● INPUT:
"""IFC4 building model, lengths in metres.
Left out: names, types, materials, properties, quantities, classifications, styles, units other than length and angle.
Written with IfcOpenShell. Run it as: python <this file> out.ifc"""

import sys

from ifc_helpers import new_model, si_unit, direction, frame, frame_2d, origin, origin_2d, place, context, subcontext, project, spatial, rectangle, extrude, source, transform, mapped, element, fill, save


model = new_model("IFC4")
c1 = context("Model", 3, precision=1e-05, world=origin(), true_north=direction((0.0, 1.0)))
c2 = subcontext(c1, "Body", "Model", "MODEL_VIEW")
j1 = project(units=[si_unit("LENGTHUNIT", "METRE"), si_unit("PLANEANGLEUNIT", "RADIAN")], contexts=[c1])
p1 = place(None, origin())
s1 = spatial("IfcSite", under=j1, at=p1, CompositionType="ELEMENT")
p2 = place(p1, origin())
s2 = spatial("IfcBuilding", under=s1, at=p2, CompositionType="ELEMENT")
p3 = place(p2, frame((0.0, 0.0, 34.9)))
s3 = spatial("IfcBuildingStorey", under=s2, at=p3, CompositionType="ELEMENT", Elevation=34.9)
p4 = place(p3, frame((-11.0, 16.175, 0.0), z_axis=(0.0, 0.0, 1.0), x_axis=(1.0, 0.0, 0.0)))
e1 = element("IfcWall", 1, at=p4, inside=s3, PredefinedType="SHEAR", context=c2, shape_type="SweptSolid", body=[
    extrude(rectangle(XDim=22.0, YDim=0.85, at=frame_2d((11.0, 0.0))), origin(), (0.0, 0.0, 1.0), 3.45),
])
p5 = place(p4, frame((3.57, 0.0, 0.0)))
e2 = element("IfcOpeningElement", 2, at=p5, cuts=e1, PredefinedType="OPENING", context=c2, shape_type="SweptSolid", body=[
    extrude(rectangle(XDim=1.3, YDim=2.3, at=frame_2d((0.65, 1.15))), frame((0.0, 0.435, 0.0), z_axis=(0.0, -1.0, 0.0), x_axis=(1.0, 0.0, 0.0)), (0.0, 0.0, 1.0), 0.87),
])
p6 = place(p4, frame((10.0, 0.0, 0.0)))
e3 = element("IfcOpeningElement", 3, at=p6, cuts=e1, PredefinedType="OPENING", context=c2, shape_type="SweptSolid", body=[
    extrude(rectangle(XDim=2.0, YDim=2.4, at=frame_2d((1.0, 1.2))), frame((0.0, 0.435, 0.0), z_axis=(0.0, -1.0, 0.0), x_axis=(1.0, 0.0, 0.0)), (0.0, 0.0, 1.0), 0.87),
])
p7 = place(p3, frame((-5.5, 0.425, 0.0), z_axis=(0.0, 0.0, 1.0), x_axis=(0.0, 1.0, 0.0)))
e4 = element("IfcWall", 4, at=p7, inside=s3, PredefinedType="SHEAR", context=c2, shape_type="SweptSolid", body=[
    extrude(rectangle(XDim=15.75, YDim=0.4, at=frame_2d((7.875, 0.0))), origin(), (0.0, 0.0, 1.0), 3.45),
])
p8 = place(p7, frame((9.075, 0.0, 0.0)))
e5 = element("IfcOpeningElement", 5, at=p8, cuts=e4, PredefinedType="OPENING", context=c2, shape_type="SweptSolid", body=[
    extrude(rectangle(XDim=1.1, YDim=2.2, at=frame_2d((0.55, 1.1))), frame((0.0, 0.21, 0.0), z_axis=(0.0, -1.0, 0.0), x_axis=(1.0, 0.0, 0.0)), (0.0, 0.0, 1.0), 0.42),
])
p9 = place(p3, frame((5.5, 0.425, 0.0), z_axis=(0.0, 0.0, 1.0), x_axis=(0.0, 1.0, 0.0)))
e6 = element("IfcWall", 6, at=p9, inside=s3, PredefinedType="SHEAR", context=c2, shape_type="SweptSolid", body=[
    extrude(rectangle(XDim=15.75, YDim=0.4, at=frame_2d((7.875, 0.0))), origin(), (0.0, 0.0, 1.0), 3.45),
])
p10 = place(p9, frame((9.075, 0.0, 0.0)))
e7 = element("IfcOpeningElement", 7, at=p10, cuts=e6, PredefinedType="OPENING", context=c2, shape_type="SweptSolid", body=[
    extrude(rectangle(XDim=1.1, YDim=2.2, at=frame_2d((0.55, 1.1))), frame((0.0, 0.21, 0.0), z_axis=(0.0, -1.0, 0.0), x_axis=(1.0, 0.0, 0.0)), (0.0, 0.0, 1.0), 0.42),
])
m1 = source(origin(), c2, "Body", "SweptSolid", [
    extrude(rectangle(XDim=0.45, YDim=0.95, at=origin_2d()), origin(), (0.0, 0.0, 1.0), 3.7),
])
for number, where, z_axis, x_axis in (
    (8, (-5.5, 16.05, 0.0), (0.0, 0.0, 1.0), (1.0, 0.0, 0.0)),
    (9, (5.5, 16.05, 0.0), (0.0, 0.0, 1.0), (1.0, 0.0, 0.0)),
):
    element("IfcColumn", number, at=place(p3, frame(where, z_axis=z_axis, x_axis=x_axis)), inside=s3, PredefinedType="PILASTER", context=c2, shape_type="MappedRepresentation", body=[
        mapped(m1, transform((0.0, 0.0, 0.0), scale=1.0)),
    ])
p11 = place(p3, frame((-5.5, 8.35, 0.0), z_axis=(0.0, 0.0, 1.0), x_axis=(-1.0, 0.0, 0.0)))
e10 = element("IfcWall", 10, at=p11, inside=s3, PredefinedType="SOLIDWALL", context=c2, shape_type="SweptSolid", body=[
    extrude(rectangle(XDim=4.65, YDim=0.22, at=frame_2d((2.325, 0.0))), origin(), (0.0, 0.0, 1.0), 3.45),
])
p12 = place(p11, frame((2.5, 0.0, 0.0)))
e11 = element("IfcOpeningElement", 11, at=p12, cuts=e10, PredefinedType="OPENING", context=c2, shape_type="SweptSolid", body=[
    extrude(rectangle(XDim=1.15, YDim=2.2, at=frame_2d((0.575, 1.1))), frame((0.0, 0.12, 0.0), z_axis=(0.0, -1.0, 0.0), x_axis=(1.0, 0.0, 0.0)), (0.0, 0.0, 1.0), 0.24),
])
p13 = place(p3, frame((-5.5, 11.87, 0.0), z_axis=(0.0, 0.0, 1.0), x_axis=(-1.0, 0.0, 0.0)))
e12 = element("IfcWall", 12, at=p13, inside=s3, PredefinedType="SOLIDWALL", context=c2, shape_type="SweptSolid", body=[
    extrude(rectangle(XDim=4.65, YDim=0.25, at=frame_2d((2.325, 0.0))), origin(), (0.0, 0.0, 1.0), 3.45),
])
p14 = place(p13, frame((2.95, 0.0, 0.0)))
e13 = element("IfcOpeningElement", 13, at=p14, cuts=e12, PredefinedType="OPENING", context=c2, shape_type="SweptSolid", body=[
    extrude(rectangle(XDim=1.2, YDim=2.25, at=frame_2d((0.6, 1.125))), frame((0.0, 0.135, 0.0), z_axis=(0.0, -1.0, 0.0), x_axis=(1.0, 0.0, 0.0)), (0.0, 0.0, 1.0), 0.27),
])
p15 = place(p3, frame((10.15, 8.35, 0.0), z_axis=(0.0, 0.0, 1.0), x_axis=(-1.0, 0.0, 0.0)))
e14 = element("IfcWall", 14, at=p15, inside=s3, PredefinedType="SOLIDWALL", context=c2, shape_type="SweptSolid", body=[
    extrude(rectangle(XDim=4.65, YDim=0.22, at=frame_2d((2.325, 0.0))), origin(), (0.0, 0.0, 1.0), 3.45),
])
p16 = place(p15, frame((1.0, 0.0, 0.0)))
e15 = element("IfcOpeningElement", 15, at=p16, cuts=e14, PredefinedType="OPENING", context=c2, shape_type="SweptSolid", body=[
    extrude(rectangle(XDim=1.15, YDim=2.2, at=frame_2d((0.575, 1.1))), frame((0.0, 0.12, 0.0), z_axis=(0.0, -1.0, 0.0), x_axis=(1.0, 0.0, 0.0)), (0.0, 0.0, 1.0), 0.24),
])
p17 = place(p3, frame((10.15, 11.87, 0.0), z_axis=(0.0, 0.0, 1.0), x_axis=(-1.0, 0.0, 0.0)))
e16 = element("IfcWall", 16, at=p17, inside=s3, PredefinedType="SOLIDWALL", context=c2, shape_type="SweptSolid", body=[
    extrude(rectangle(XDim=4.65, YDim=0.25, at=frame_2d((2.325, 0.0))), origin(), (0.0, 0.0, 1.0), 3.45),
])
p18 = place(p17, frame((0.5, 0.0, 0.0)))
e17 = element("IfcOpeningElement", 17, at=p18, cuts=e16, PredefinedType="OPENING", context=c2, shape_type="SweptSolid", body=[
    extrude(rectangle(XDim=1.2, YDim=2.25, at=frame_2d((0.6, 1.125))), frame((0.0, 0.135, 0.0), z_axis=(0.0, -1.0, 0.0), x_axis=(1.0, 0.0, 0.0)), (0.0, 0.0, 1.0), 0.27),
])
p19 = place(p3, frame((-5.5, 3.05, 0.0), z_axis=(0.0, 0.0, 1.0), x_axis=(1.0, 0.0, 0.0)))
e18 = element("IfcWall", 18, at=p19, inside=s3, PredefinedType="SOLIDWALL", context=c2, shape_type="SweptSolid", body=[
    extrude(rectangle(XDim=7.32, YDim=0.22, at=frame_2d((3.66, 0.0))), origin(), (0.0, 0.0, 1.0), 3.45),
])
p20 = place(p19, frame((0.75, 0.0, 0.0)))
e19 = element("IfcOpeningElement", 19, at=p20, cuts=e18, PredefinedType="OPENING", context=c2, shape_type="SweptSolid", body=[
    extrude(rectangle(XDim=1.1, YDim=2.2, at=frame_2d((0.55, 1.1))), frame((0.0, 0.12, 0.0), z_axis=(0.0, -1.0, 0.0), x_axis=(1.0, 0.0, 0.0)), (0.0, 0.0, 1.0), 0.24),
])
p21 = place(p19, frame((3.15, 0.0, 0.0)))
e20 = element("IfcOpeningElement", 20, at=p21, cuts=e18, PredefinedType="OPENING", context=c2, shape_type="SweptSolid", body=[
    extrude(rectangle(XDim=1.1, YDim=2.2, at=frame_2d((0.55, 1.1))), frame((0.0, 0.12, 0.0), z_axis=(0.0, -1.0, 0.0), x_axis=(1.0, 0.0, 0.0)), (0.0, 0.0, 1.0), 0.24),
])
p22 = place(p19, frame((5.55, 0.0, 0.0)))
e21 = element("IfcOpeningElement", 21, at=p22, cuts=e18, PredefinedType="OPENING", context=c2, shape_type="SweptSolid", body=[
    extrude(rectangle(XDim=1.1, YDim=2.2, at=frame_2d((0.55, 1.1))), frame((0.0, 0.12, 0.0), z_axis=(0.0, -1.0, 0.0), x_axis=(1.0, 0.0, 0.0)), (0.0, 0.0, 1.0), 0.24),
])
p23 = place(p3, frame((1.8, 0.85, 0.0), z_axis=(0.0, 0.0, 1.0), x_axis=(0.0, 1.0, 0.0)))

● ABOUT THIS EXERCISE: Whenever a line above includes the string "import", copy it.

● RESPONSE TO THIS TASK:
import sys
from ifc_helpers import new_model, si_unit, direction, frame, frame_2d, origin, origin_2d, place, context, subcontext, project, spatial, rectangle, extrude, source, transform, mapped, element, fill, save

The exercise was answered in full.